:: Task directions ::
Do not repeat pictures. Repeat exactly the lines of the listing below from its first line through the line with "p2 = place(p1, origin())".

:: Data for review ::
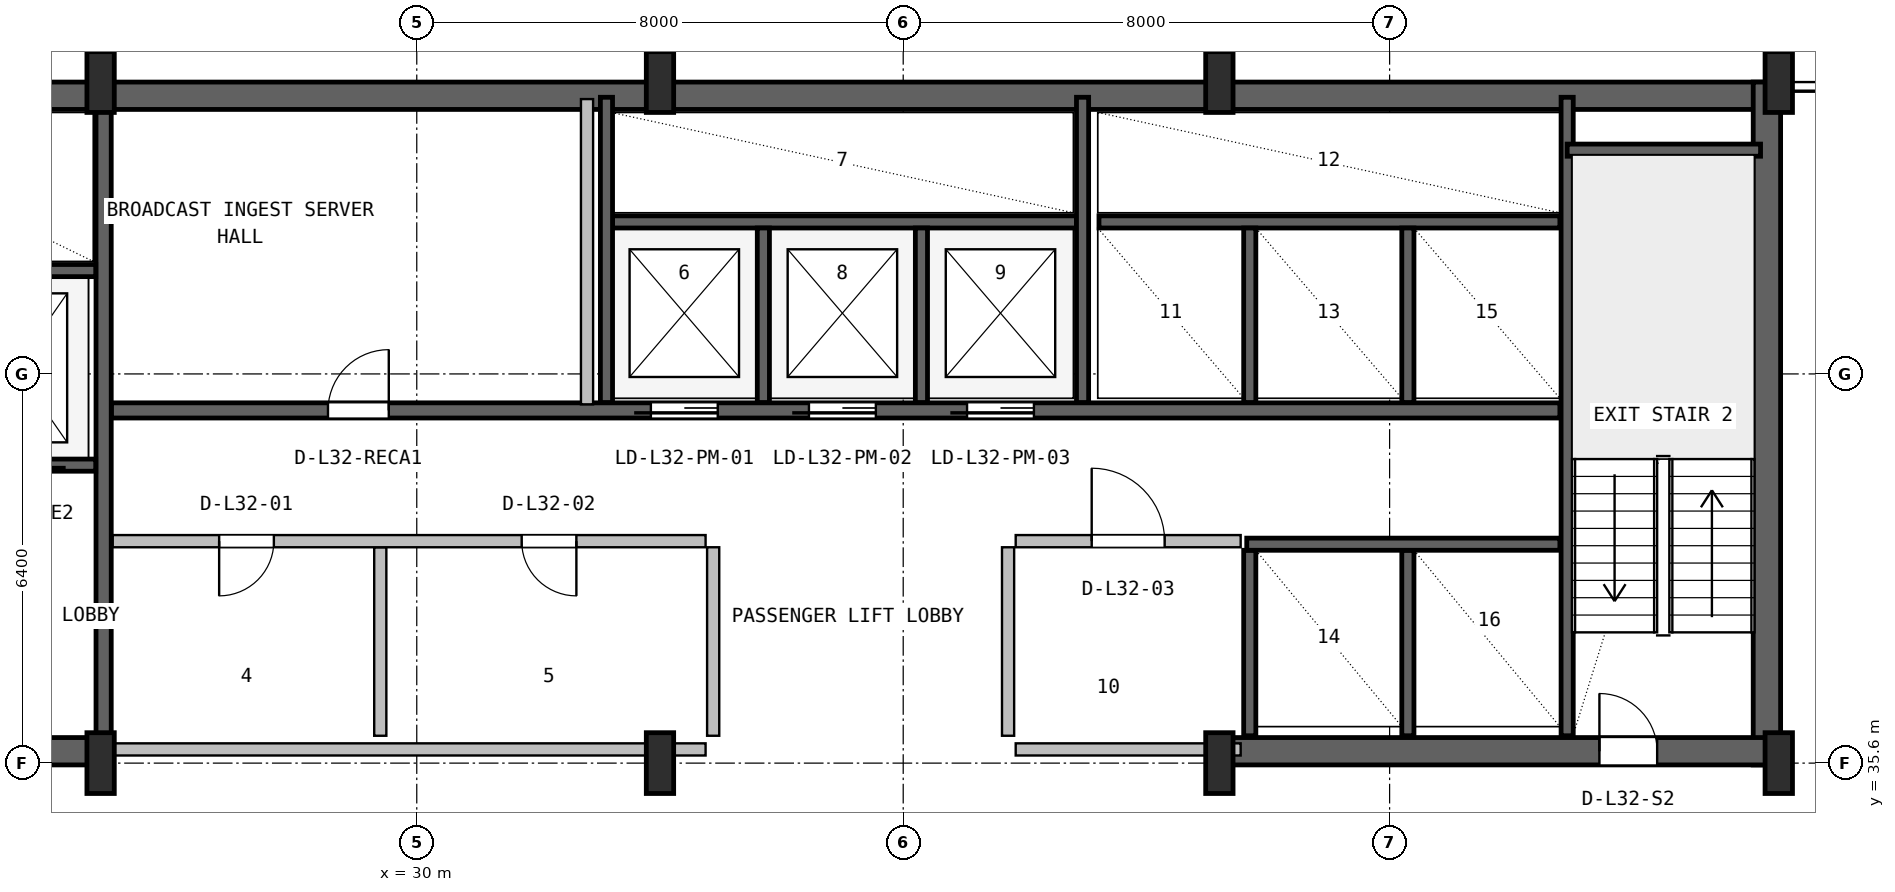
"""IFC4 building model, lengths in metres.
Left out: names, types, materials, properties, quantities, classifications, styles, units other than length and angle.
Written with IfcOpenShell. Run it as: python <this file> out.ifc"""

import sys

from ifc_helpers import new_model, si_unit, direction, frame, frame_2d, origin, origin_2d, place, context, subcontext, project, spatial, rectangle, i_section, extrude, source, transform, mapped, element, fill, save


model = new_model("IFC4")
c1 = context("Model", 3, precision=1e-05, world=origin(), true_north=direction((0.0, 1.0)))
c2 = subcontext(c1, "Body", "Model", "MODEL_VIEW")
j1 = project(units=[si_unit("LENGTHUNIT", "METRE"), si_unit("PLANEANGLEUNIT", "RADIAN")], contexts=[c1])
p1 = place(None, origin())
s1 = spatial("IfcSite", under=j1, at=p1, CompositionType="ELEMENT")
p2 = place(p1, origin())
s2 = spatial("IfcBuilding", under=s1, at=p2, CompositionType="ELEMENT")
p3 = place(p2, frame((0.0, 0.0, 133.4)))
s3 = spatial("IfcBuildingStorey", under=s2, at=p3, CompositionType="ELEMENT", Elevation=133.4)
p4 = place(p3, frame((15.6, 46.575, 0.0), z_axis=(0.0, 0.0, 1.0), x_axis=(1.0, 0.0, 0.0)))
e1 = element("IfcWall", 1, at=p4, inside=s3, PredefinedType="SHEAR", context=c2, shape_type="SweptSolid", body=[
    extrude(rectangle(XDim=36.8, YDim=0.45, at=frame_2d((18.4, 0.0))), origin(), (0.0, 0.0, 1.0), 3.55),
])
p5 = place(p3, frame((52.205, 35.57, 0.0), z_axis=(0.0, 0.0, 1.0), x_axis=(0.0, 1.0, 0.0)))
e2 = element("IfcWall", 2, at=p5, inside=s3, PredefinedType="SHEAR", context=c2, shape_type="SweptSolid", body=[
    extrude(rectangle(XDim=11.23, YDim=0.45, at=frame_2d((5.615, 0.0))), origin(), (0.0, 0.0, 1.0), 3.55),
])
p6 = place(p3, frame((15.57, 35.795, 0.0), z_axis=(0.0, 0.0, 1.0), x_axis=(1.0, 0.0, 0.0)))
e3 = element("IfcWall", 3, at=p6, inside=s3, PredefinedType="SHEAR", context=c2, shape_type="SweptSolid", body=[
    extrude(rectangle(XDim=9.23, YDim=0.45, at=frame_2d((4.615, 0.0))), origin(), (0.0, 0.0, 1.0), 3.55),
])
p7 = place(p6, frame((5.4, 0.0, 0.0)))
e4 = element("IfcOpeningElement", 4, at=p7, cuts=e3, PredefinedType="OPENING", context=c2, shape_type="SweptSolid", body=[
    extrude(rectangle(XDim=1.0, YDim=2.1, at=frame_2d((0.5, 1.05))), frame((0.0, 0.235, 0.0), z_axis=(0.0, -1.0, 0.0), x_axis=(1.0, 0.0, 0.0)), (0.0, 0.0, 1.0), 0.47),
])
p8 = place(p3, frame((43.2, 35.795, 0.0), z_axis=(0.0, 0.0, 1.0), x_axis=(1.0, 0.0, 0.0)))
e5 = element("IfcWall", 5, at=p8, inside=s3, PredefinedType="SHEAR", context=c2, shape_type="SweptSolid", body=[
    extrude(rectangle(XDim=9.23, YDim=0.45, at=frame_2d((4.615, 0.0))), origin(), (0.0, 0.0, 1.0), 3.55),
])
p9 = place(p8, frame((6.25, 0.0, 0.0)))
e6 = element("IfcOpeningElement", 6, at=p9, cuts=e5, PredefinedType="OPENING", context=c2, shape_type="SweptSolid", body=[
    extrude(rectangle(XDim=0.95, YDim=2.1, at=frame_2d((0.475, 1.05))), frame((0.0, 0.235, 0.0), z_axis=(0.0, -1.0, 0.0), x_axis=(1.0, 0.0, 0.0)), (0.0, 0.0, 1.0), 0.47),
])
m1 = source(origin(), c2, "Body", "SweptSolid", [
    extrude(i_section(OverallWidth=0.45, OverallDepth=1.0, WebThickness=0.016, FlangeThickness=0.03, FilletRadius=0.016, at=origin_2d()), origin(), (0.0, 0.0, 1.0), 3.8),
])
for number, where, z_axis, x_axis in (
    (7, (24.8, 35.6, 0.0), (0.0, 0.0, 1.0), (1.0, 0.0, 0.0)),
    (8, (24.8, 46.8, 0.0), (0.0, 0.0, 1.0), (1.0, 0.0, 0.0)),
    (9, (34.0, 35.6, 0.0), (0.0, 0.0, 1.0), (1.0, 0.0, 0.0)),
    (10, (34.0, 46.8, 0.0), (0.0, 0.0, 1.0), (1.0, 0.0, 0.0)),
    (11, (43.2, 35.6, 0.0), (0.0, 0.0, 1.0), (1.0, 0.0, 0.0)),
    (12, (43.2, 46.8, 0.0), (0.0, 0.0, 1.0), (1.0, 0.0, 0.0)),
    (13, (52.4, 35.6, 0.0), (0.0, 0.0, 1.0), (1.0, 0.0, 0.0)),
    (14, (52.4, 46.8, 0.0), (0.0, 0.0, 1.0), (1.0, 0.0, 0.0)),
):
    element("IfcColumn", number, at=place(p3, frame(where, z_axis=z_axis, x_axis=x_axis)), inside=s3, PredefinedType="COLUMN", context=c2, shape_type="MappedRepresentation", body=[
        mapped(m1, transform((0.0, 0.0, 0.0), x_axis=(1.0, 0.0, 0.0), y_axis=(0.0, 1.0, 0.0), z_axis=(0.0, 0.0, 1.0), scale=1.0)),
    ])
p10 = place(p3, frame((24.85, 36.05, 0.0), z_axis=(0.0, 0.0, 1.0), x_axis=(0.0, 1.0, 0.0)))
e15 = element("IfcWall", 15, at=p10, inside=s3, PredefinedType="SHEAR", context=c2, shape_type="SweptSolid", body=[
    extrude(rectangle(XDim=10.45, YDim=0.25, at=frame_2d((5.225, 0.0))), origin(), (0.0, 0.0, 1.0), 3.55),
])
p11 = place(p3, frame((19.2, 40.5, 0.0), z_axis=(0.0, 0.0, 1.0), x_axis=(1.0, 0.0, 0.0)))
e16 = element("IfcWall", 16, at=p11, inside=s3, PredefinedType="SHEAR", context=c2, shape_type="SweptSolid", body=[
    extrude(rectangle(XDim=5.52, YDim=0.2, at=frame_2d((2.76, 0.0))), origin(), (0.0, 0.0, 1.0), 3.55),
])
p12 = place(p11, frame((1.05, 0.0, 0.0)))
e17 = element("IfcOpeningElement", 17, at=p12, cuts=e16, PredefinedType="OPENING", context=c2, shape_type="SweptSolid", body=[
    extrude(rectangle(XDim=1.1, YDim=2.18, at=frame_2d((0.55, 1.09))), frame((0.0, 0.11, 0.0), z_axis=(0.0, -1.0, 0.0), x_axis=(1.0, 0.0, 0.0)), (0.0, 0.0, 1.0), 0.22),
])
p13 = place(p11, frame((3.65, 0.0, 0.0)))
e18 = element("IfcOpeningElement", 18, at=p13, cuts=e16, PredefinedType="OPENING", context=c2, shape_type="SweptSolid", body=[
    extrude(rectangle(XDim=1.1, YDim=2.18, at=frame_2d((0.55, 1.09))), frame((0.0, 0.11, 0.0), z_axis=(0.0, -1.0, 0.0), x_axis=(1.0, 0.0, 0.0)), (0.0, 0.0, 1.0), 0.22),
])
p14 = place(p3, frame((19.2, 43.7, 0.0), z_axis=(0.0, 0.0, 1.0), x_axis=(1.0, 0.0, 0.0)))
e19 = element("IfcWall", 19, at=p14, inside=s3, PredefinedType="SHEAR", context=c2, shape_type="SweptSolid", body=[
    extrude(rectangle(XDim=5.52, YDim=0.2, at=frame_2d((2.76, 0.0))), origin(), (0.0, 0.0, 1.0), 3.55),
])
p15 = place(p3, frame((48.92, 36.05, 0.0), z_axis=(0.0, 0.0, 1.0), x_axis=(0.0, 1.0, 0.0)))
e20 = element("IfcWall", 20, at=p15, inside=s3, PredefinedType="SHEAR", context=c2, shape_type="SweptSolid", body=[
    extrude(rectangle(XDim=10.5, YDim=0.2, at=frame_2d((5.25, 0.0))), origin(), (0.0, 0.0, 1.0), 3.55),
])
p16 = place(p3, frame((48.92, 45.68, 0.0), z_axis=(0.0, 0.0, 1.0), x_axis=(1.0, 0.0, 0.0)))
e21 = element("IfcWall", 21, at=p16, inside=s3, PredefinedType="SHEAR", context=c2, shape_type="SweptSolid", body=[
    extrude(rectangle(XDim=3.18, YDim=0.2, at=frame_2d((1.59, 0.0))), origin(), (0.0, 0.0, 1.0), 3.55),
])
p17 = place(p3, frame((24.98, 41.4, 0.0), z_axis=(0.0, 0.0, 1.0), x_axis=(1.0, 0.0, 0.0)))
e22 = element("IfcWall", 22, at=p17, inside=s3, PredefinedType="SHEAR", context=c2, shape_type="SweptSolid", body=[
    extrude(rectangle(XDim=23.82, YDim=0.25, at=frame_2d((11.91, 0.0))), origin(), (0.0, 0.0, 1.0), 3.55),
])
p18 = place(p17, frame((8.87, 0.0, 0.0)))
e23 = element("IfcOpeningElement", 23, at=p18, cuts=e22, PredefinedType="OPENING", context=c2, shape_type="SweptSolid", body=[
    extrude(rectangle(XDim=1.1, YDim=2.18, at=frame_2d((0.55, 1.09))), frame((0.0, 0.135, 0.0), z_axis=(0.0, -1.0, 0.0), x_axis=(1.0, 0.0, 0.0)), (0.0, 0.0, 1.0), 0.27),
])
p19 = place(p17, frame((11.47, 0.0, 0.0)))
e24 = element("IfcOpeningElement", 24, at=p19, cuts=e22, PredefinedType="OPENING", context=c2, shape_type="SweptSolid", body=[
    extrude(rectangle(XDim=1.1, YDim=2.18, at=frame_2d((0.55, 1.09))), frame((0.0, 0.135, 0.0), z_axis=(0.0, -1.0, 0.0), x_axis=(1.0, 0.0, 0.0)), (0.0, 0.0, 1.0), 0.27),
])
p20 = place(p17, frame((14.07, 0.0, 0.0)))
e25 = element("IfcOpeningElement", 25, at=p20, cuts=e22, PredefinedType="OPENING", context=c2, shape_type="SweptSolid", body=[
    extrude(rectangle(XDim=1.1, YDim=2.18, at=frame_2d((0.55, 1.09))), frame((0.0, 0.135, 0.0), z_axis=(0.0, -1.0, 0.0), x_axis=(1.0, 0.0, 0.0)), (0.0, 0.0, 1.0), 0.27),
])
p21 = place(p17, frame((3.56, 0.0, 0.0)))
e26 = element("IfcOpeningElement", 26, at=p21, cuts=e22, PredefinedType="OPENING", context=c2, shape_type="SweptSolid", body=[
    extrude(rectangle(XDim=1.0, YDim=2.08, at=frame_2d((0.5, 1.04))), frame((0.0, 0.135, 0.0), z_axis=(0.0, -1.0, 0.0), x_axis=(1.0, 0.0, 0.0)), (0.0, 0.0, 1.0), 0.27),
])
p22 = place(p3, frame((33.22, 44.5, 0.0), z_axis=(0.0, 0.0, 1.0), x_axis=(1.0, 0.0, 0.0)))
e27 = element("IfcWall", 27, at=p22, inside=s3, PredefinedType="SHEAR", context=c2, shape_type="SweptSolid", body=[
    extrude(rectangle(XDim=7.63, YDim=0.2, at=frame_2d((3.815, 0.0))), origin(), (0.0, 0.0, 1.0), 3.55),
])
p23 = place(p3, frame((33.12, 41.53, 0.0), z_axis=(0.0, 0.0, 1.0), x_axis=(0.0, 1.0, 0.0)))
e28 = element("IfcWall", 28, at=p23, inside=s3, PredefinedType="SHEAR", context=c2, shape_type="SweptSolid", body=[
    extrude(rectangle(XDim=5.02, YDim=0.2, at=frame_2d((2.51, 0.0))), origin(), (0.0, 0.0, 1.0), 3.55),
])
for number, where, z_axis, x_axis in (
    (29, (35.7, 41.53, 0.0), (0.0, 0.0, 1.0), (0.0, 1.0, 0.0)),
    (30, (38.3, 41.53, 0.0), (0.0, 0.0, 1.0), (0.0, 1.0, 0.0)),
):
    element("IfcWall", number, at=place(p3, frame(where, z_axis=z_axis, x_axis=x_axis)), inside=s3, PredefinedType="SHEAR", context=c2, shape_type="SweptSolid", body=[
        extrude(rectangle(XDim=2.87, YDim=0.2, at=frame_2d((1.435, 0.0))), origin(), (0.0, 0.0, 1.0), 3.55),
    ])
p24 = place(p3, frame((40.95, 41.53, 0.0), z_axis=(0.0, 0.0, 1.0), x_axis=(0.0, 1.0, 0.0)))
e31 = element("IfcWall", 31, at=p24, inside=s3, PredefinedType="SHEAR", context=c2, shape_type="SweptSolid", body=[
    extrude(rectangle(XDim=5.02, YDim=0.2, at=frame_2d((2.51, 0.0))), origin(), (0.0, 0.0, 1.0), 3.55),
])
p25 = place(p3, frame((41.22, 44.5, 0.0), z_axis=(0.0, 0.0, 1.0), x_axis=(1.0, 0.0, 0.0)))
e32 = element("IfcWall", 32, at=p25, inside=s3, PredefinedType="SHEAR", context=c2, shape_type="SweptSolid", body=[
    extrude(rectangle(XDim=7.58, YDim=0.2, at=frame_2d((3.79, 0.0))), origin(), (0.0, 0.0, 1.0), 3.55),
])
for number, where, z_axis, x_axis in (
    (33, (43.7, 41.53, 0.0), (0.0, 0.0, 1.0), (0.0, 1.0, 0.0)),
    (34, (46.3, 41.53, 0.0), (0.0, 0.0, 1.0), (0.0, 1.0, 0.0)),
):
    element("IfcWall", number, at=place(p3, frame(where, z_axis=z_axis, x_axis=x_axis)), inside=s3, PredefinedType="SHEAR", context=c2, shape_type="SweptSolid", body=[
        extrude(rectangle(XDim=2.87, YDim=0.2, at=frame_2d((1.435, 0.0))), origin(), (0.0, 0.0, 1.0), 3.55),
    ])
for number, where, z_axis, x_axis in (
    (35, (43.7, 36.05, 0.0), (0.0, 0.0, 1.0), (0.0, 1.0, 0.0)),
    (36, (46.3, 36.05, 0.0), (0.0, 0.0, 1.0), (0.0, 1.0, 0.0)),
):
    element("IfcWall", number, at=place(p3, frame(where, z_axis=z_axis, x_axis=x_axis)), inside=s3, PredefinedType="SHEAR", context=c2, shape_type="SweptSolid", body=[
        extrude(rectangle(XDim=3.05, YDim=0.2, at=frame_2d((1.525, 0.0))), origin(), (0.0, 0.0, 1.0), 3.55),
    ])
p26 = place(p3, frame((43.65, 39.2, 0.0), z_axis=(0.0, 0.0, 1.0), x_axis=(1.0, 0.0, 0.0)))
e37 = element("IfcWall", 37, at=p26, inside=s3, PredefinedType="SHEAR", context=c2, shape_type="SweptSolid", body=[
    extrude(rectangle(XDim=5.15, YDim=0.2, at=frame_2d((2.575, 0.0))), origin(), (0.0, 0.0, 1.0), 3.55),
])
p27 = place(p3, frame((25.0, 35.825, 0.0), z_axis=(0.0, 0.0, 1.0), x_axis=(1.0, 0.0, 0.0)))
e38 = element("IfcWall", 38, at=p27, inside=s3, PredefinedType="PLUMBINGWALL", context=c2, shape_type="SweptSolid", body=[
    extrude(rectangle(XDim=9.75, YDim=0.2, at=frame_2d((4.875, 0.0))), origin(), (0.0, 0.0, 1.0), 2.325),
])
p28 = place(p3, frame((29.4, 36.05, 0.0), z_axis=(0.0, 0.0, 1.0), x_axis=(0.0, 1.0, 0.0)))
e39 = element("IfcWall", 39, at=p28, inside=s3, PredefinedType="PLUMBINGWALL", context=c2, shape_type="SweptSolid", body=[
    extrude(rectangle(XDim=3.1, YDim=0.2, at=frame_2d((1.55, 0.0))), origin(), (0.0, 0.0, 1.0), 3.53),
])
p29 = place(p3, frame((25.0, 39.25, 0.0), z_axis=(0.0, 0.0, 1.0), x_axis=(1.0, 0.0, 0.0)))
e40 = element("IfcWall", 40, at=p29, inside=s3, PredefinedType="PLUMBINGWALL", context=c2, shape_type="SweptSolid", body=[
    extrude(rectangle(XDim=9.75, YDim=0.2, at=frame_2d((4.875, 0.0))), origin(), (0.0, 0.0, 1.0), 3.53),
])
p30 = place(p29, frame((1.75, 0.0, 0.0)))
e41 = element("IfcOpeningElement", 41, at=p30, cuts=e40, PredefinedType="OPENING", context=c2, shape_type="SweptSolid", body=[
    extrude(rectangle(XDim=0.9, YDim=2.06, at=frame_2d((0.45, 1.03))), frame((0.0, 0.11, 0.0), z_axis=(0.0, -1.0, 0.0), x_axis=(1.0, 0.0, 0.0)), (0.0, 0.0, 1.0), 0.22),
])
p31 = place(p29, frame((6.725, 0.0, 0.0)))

:: Finished exercise ::
"""IFC4 building model, lengths in metres.
Left out: names, types, materials, properties, quantities, classifications, styles, units other than length and angle.
Written with IfcOpenShell. Run it as: python <this file> out.ifc"""

import sys

from ifc_helpers import new_model, si_unit, direction, frame, frame_2d, origin, origin_2d, place, context, subcontext, project, spatial, rectangle, i_section, extrude, source, transform, mapped, element, fill, save


model = new_model("IFC4")
c1 = context("Model", 3, precision=1e-05, world=origin(), true_north=direction((0.0, 1.0)))
c2 = subcontext(c1, "Body", "Model", "MODEL_VIEW")
j1 = project(units=[si_unit("LENGTHUNIT", "METRE"), si_unit("PLANEANGLEUNIT", "RADIAN")], contexts=[c1])
p1 = place(None, origin())
s1 = spatial("IfcSite", under=j1, at=p1, CompositionType="ELEMENT")
p2 = place(p1, origin())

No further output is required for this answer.